** MATERIAL FOR THIS EXERCISE follows **

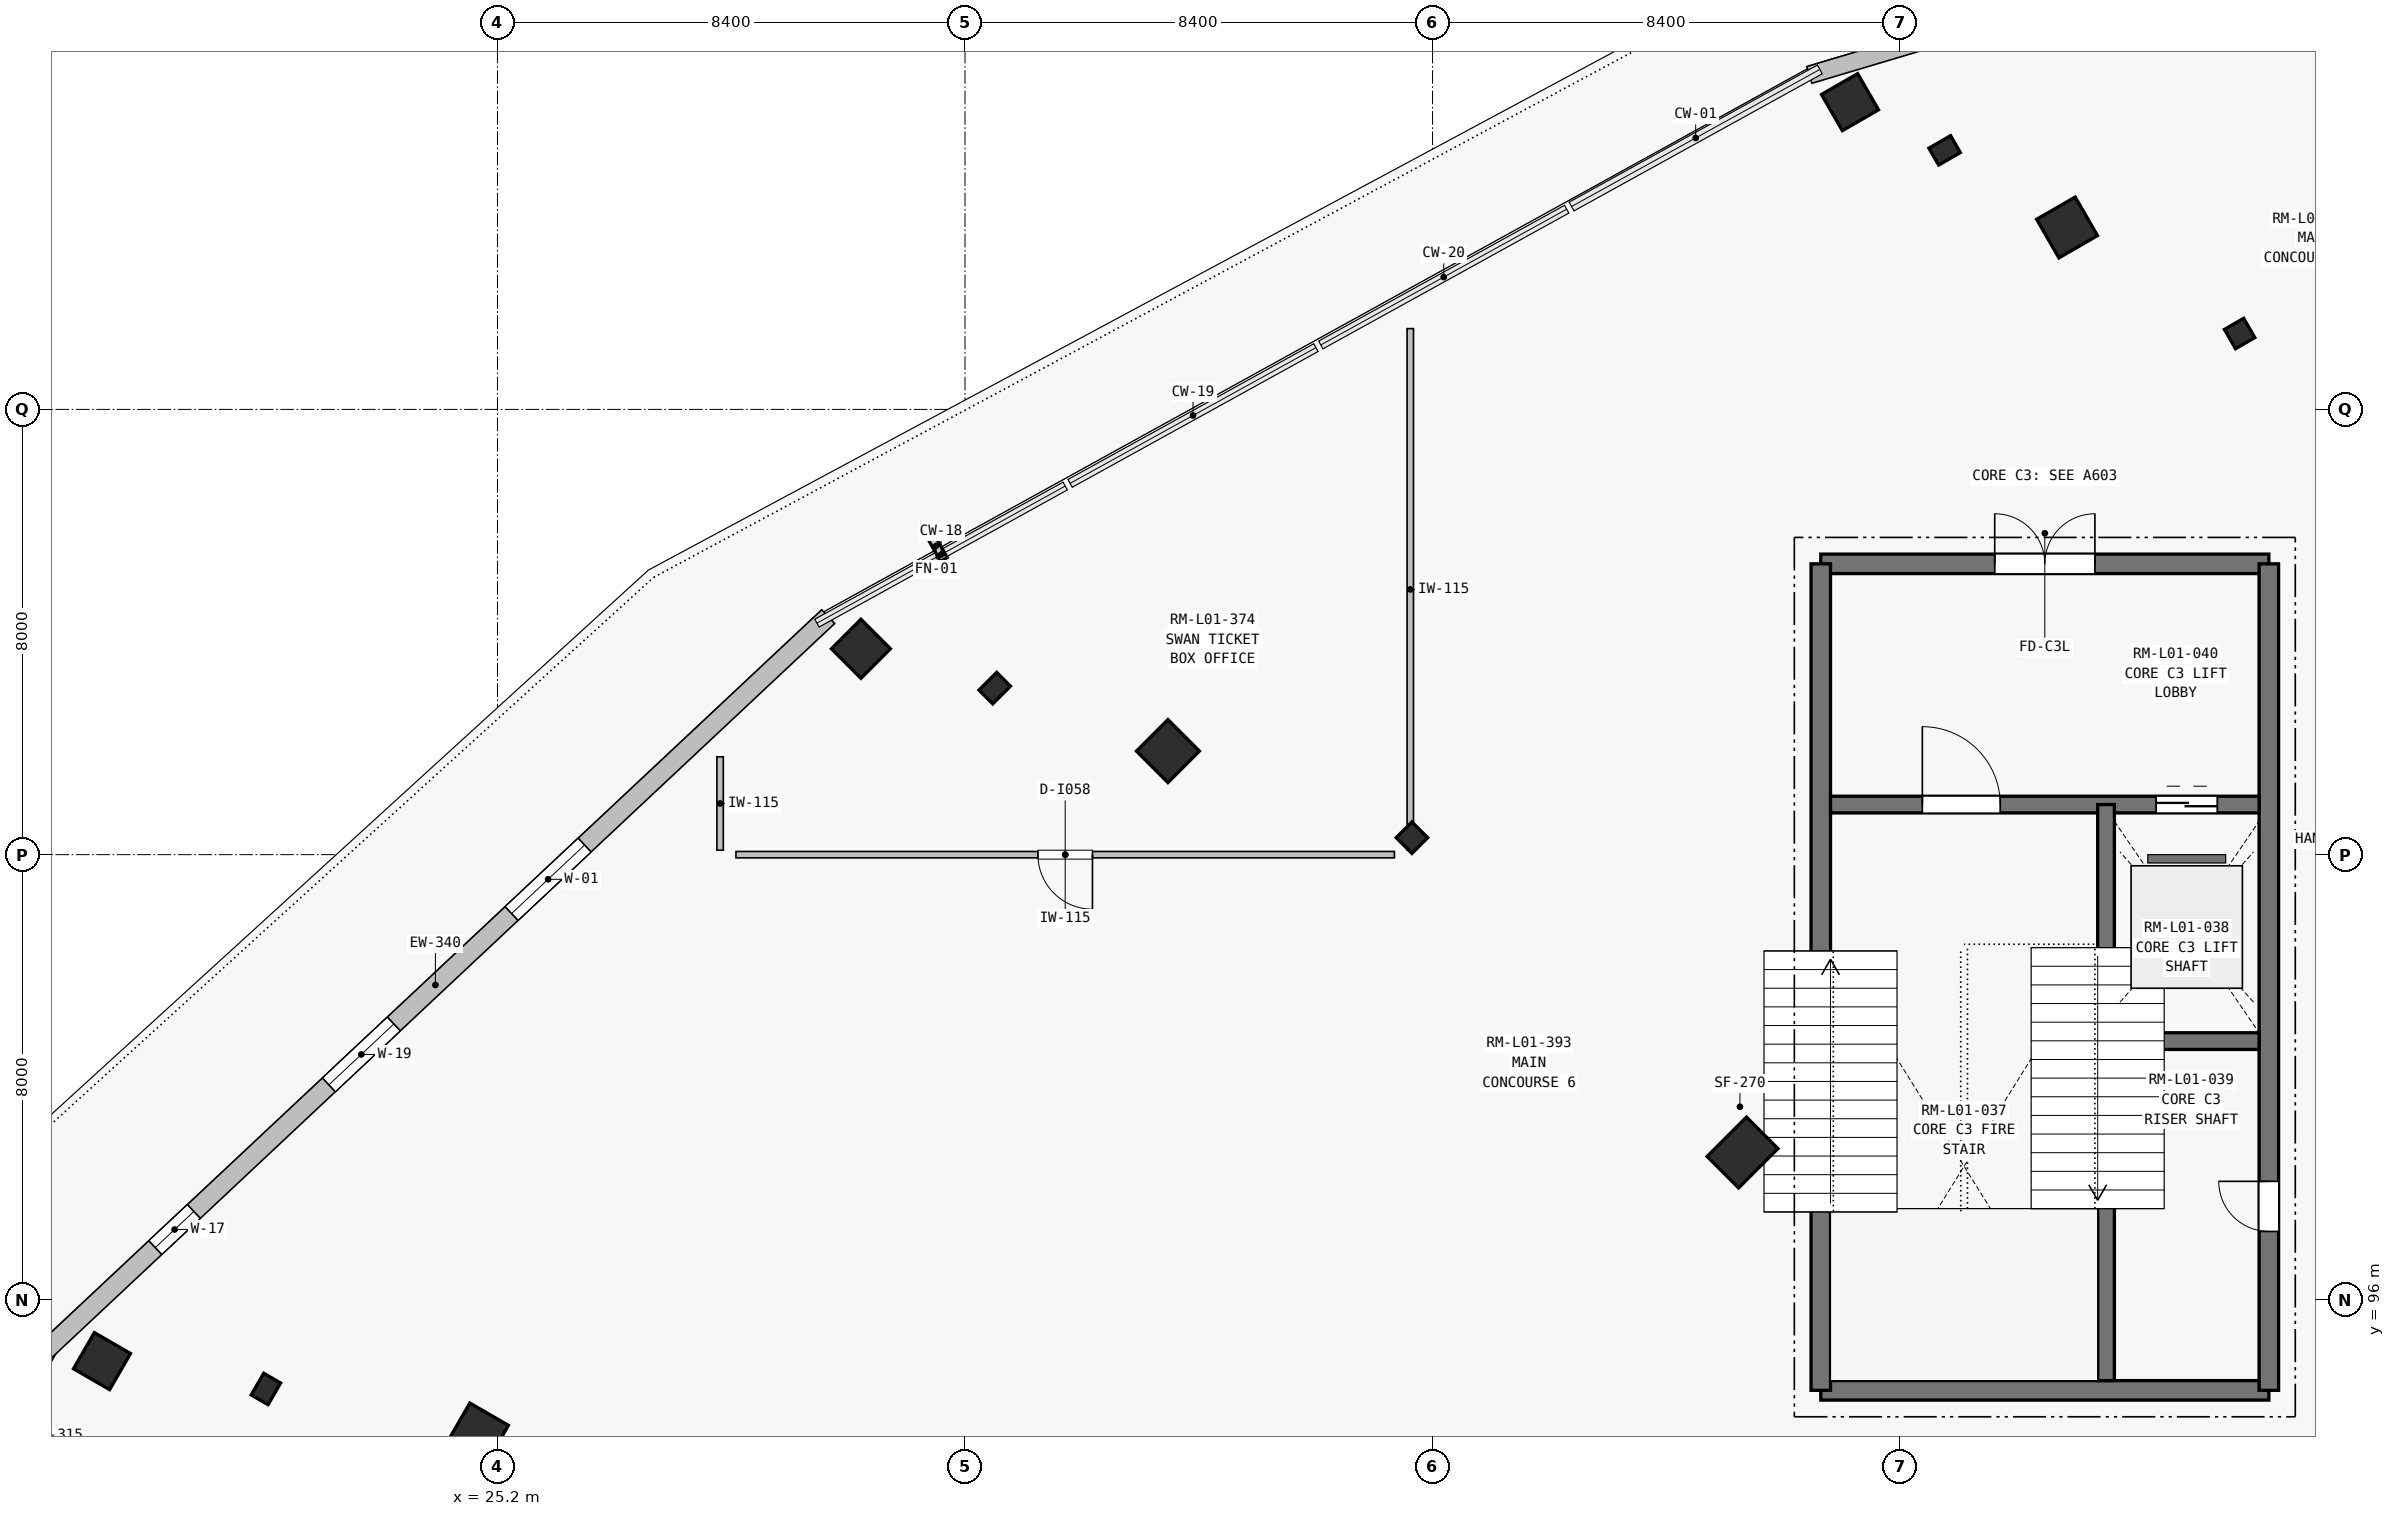
"""IFC4 building model, lengths in metres.
Left out: names, types, materials, properties, quantities, classifications, styles, units other than length and angle.
Written with IfcOpenShell. Run it as: python <this file> out.ifc"""

import sys

from ifc_helpers import new_model, si_unit, direction, frame, frame_2d, origin, origin_2d, place, context, subcontext, project, spatial, rectangle, i_section, extrude, element, fill, save


model = new_model("IFC4")
c1 = context("Model", 3, precision=1e-05, world=origin(), true_north=direction((0.0, 1.0)))
c2 = subcontext(c1, "Body", "Model", "MODEL_VIEW")
j1 = project(units=[si_unit("LENGTHUNIT", "METRE"), si_unit("PLANEANGLEUNIT", "RADIAN")], contexts=[c1])
p1 = place(None, origin())
s1 = spatial("IfcSite", under=j1, at=p1, CompositionType="ELEMENT")
p2 = place(p1, origin())
s2 = spatial("IfcBuilding", under=s1, at=p2, CompositionType="ELEMENT")
p3 = place(p2, frame((0.0, 0.0, 5.4)))
s3 = spatial("IfcBuildingStorey", under=s2, at=p3, CompositionType="ELEMENT", Elevation=5.4)
p4 = place(p3, frame((47.569, 98.648, 0.0), z_axis=(0.0, 0.0, 1.0), x_axis=(-0.707106781187, 0.707106781187, 0.0)))
e1 = element("IfcColumn", 1, at=p4, inside=s3, PredefinedType="COLUMN", context=c2, shape_type="SweptSolid", body=[
    extrude(rectangle(XDim=0.8, YDim=1.0, at=origin_2d()), origin(), (0.0, 0.0, 1.0), 4.5),
])
for number, where, z_axis, x_axis in (
    (2, (56.5, 113.363, 0.0), (0.0, 0.0, 1.0), (-0.5, 0.866, 0.0)),
    (3, (41.63, 104.305, 0.0), (0.0, 0.0, 1.0), (-0.707, 0.707, 0.0)),
):
    element("IfcColumn", number, at=place(p3, frame(where, z_axis=z_axis, x_axis=x_axis)), inside=s3, PredefinedType="COLUMN", context=c2, shape_type="SweptSolid", body=[
        extrude(i_section(OverallWidth=0.4, OverallDepth=0.4, WebThickness=0.018, FlangeThickness=0.032, at=origin_2d()), origin(), (0.0, 0.0, 1.0), 4.5),
    ])
for number, where, z_axis, x_axis in (
    (4, (53.4, 115.269, 0.0), (0.0, 0.0, 1.0), (-0.5, 0.866, 0.0)),
    (5, (37.246, 105.861, 0.0), (0.0, 0.0, 1.0), (-0.707, 0.707, 0.0)),
    (6, (24.85, 93.6, 0.0), (0.0, 0.0, 1.0), (-0.866, 0.5, 0.0)),
):
    element("IfcColumn", number, at=place(p3, frame(where, z_axis=z_axis, x_axis=x_axis)), inside=s3, PredefinedType="COLUMN", context=c2, shape_type="SweptSolid", body=[
        extrude(rectangle(XDim=0.8, YDim=0.8, at=origin_2d()), origin(), (0.0, 0.0, 1.0), 4.5),
    ])
for number, where, z_axis, x_axis in (
    (7, (49.5, 117.521, 0.0), (0.0, 0.0, 1.0), (-0.5, 0.866, 0.0)),
    (8, (31.73, 107.699, 0.0), (0.0, 0.0, 1.0), (-0.707, 0.707, 0.0)),
    (9, (18.095, 94.9, 0.0), (0.0, 0.0, 1.0), (-0.866, 0.5, 0.0)),
):
    element("IfcColumn", number, at=place(p3, frame(where, z_axis=z_axis, x_axis=x_axis)), inside=s3, PredefinedType="COLUMN", context=c2, shape_type="SweptSolid", body=[
        extrude(rectangle(XDim=0.75, YDim=0.75, at=origin_2d()), origin(), (0.0, 0.0, 1.0), 4.25),
    ])
for number, where, z_axis, x_axis in (
    (10, (51.2, 116.654, 0.0), (0.0, 0.0, 1.0), (-0.5, 0.866, 0.0)),
    (11, (34.134, 106.992, 0.0), (0.0, 0.0, 1.0), (-0.707, 0.707, 0.0)),
    (12, (21.04, 94.4, 0.0), (0.0, 0.0, 1.0), (-0.866, 0.5, 0.0)),
):
    element("IfcColumn", number, at=place(p3, frame(where, z_axis=z_axis, x_axis=x_axis)), inside=s3, PredefinedType="PILASTER", context=c2, shape_type="SweptSolid", body=[
        extrude(rectangle(XDim=0.35, YDim=0.45, at=origin_2d()), origin(), (0.0, 0.0, 1.0), 4.5),
    ])
p5 = place(p3, frame((15.201, 91.763, 0.0), z_axis=(0.0, 0.0, 1.0), x_axis=(0.498908523597, 0.866654651567, 0.0)))
e13 = element("IfcWall", 13, at=p5, inside=s3, PredefinedType="SOLIDWALL", context=c2, shape_type="SweptSolid", body=[
    extrude(rectangle(XDim=4.173, YDim=0.315, at=frame_2d((2.086, 0.0))), origin(), (0.0, 0.0, 1.0), 4.25),
])
p6 = place(p3, frame((17.028, 95.041, 0.0), z_axis=(0.0, 0.0, 1.0), x_axis=(0.729448660381, 0.684035563307, 0.0)))
e14 = element("IfcWall", 14, at=p6, inside=s3, PredefinedType="SOLIDWALL", context=c2, shape_type="SweptSolid", body=[
    extrude(rectangle(XDim=19.348, YDim=0.34, at=frame_2d((9.674, 0.0))), origin(), (0.0, 0.0, 1.0), 4.25),
])
p7 = place(p6, frame((2.775, 0.0, 0.75)))
e15 = element("IfcOpeningElement", 15, at=p7, cuts=e14, PredefinedType="OPENING", context=c2, shape_type="SweptSolid", body=[
    extrude(rectangle(XDim=0.95, YDim=2.2, at=frame_2d((0.475, 1.1))), frame((0.0, 0.18, 0.0), z_axis=(0.0, -1.0, 0.0), x_axis=(1.0, 0.0, 0.0)), (0.0, 0.0, 1.0), 0.36),
])
p8 = place(p6, frame((7.05, 0.0, 0.9)))
e16 = element("IfcOpeningElement", 16, at=p8, cuts=e14, PredefinedType="OPENING", context=c2, shape_type="SweptSolid", body=[
    extrude(rectangle(XDim=1.6, YDim=1.45, at=frame_2d((0.8, 0.725))), frame((0.0, 0.18, 0.0), z_axis=(0.0, -1.0, 0.0), x_axis=(1.0, 0.0, 0.0)), (0.0, 0.0, 1.0), 0.36),
])
p9 = place(p6, frame((11.55, 0.0, 0.75)))
e17 = element("IfcOpeningElement", 17, at=p9, cuts=e14, PredefinedType="OPENING", context=c2, shape_type="SweptSolid", body=[
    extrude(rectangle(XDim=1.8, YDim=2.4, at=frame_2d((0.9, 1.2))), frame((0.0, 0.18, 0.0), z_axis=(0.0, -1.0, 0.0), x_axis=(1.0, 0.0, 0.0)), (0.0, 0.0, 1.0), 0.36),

** End of MATERIAL FOR THIS EXERCISE **

- [WORK REQUEST] Search the records for lines holding the word "project", then copy each line you find.

- [EXERCISE SOLUTION]
from ifc_helpers import new_model, si_unit, direction, frame, frame_2d, origin, origin_2d, place, context, subcontext, project, spatial, rectangle, i_section, extrude, element, fill, save
j1 = project(units=[si_unit("LENGTHUNIT", "METRE"), si_unit("PLANEANGLEUNIT", "RADIAN")], contexts=[c1])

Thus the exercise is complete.